-- THE RECORDS follows --

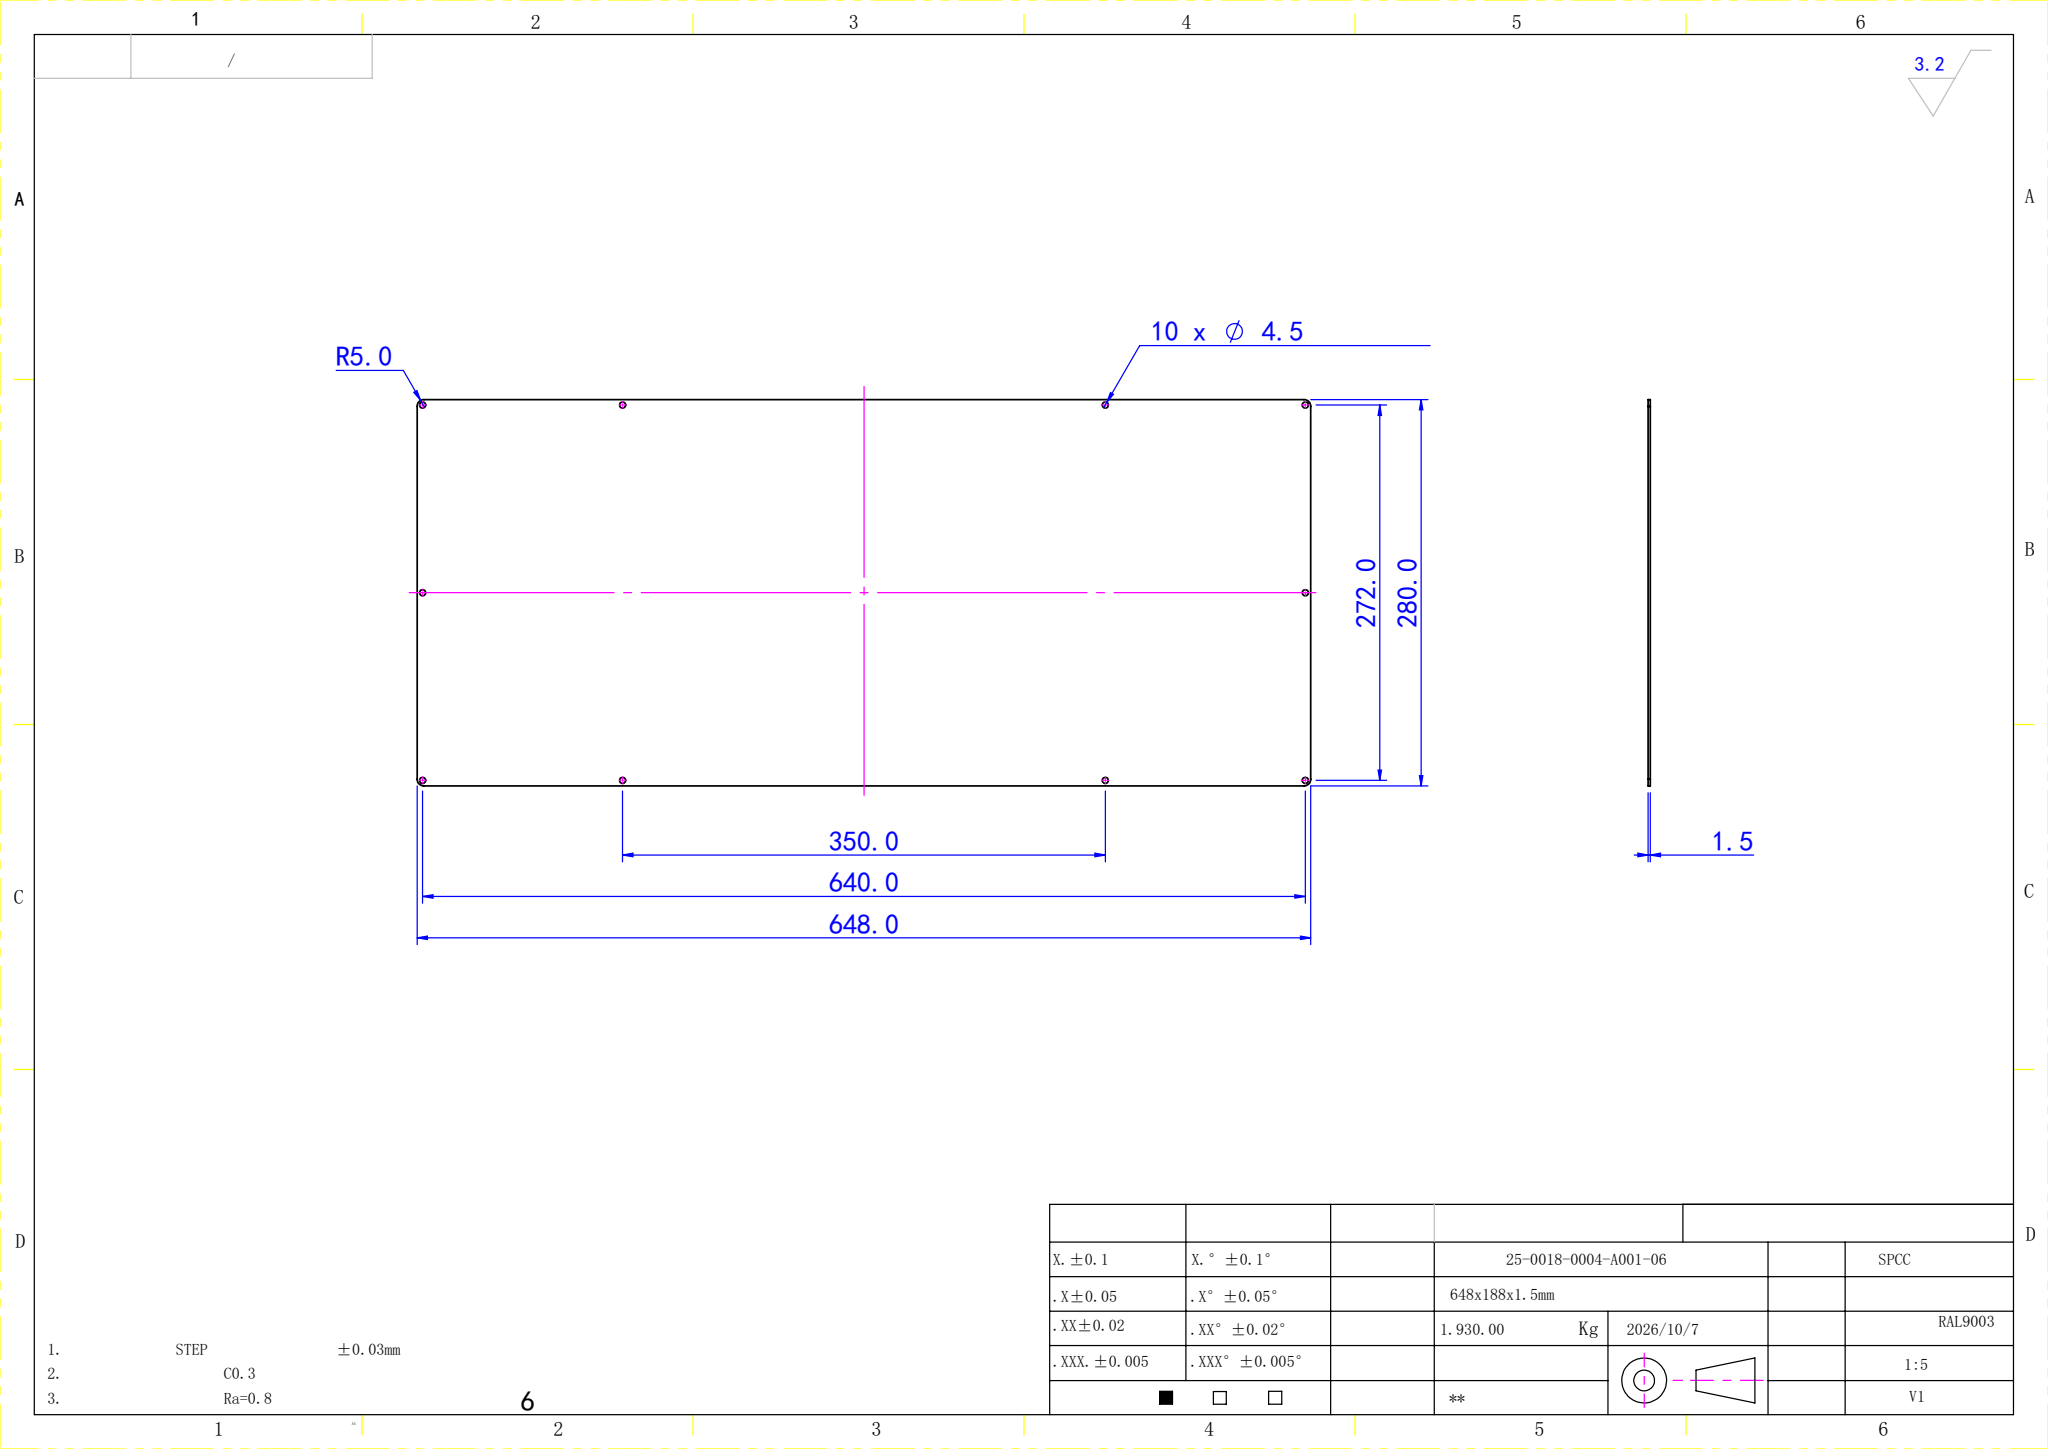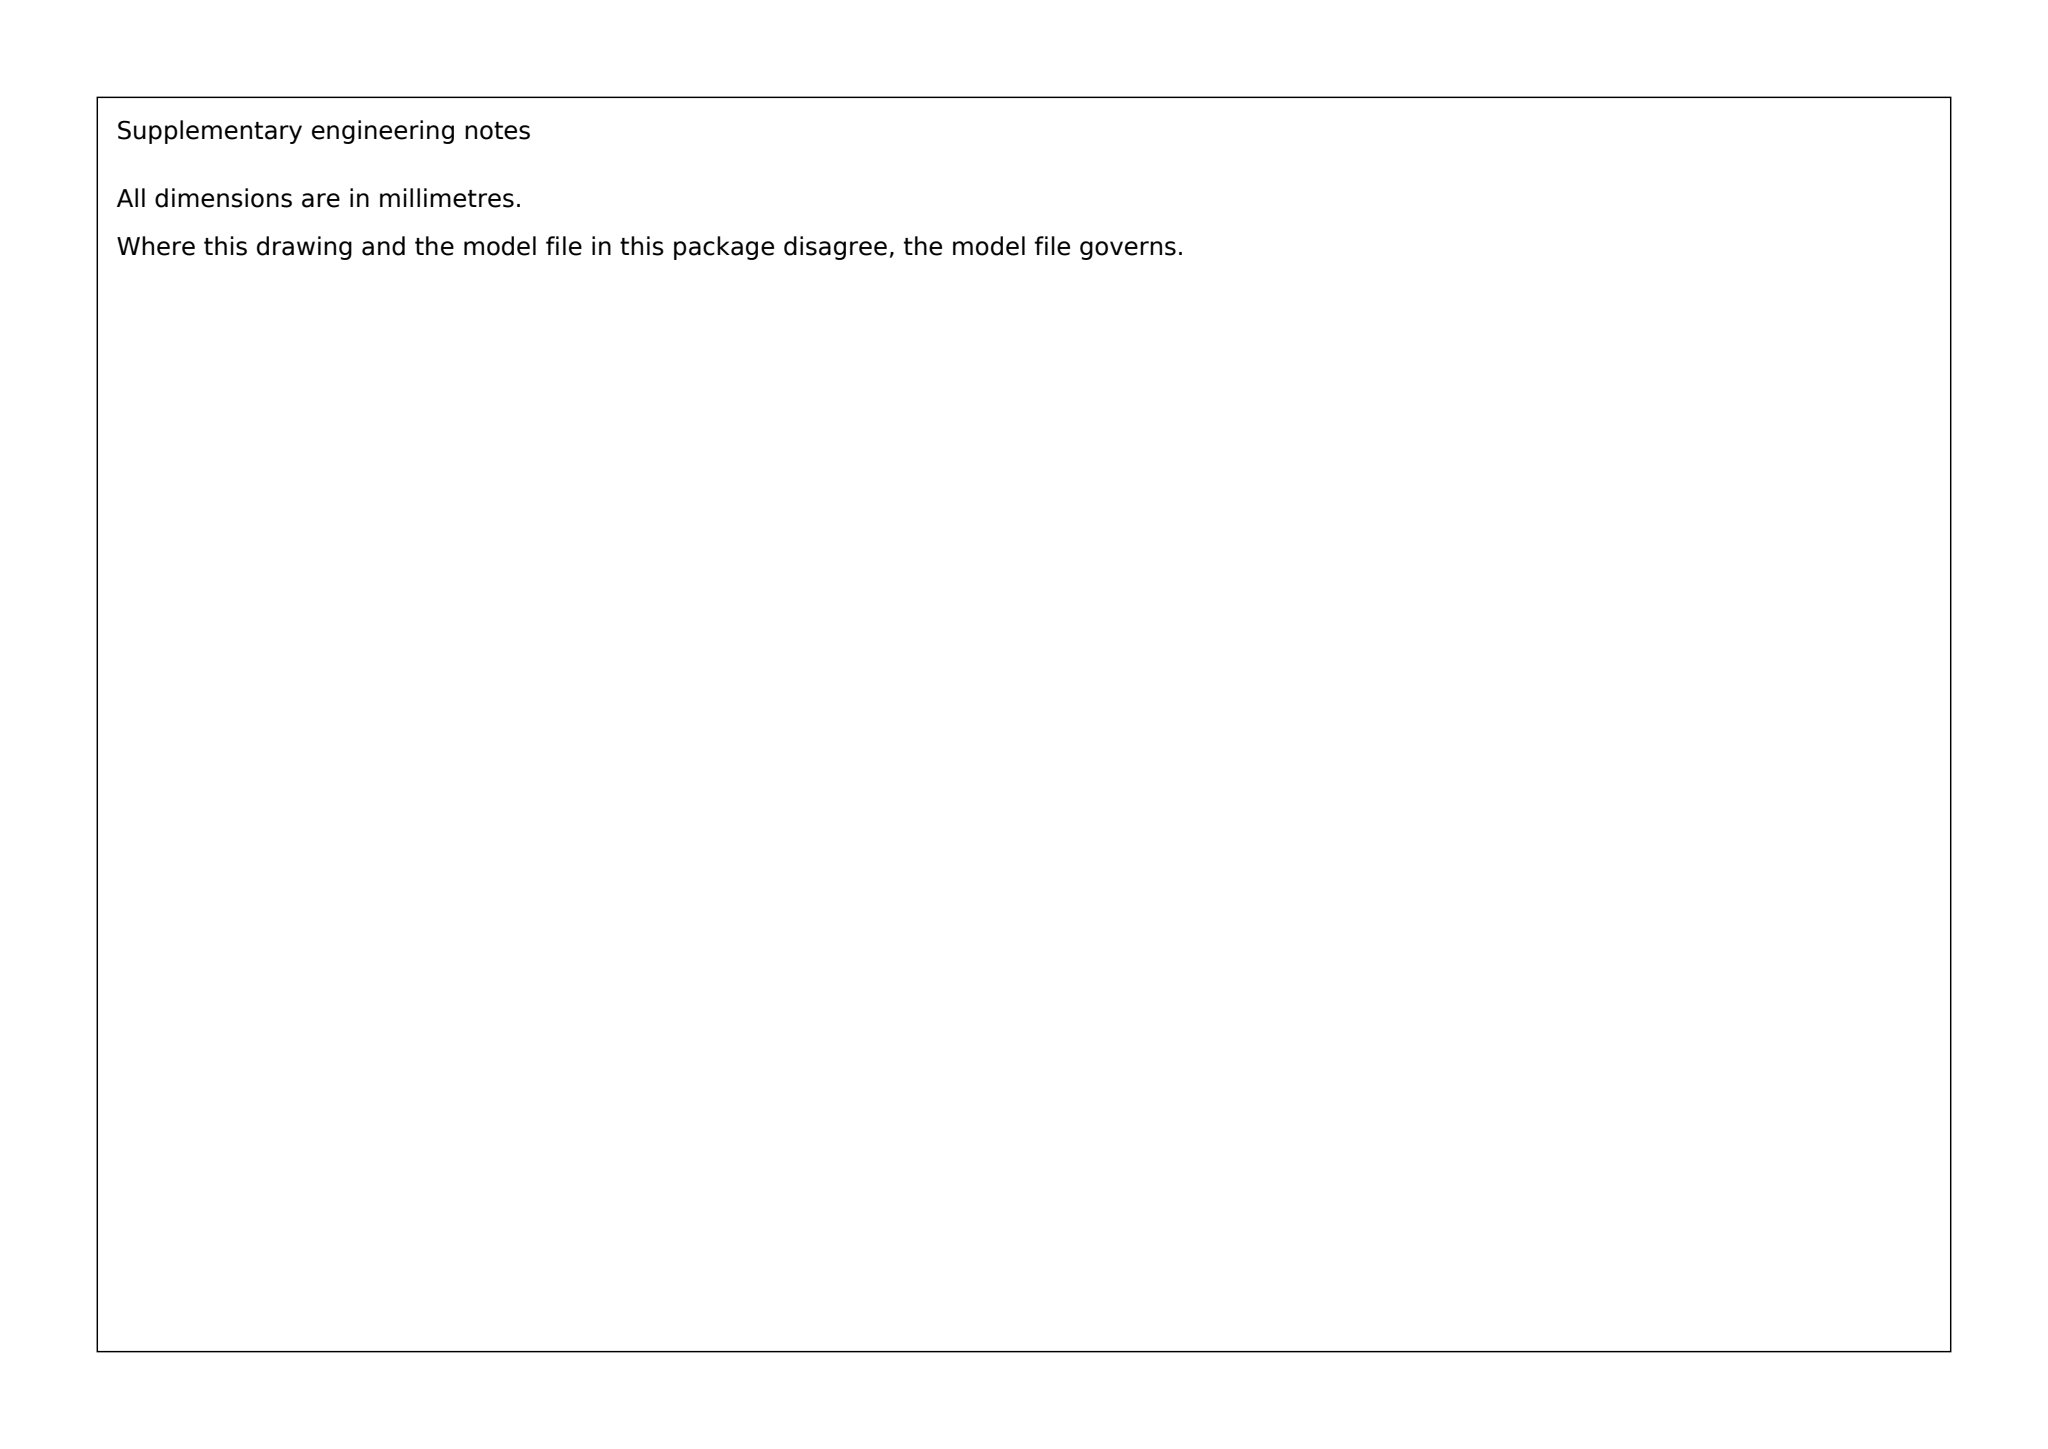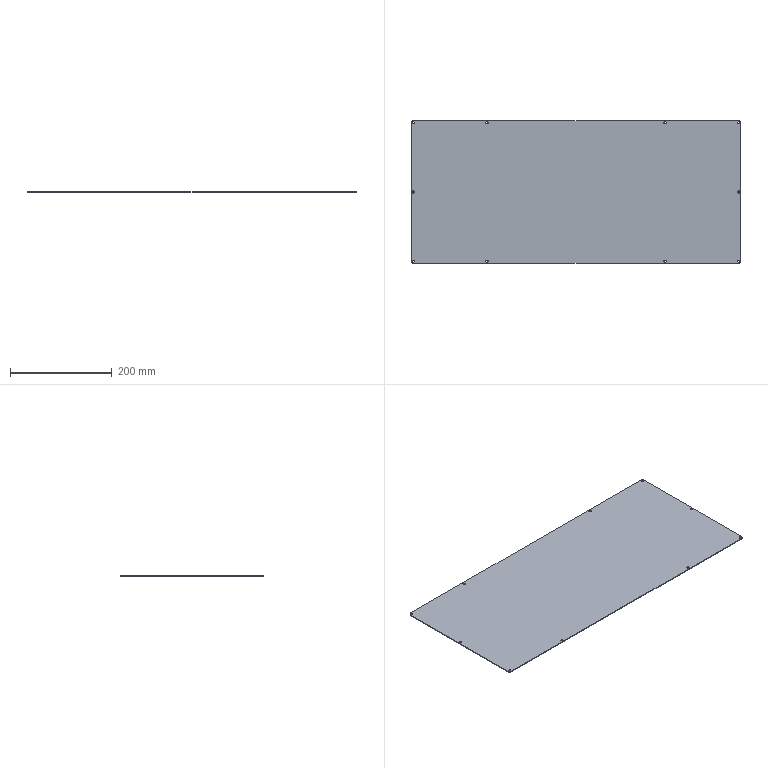Part | SolidWorks | mm | 1 solid | 30 faces | box 648 x 280 x 1.5 mm | volume 271889 mm3 | cylinder 24 | plane 6 | commonest cylinder face diameters 4.5 x20 10 x4
build123d program:
from build123d import *

# Parameters (mm, degrees)
SKETCH1_W            = 648
SKETCH1_H            = 280
BOSS_EXTRUDE1_DEPTH  = 1.5
M4_CLEARANCE_HOLE1_D = 4.5
FILLET1_R            = 5


with BuildPart() as part:
    # Sketch1 → Boss-Extrude1 (new body)
    with BuildSketch(Plane.XY):
        Rectangle(SKETCH1_W, SKETCH1_H)
    extrude(amount=BOSS_EXTRUDE1_DEPTH)

    # M4 Clearance Hole1 (through all)
    with Locations(Plane.XY.offset(1.5)):
        with Locations((-175, 136), (175, 136), (175, -136), (-175, -136), (320, 0), (-320, 0), (-320, 136), (-320, -136), (320, -136), (320, 136)):
            Hole(M4_CLEARANCE_HOLE1_D / 2)

    # Fillet1
    fillet1_edges = [part.edges().sort_by_distance(p)[0] for p in [
        (-324, 140, 0.75),
        (324, 140, 0.75),
        (324, -140, 0.75),
        (-324, -140, 0.75),
    ]]
    fillet(fillet1_edges, radius=FILLET1_R)


solid = part.part

-- THE RECORDS concluded --

> WORK TO COMPLETE
In the records above, copy exactly the lines from the one that contains "Hole(M4_CLEARANCE_HOLE1_D / 2)" through the last, and nothing else.

> SOLUTION TO THIS EXERCISE
            Hole(M4_CLEARANCE_HOLE1_D / 2)

    # Fillet1
    fillet1_edges = [part.edges().sort_by_distance(p)[0] for p in [
        (-324, 140, 0.75),
        (324, 140, 0.75),
        (324, -140, 0.75),
        (-324, -140, 0.75),
    ]]
    fillet(fillet1_edges, radius=FILLET1_R)


solid = part.part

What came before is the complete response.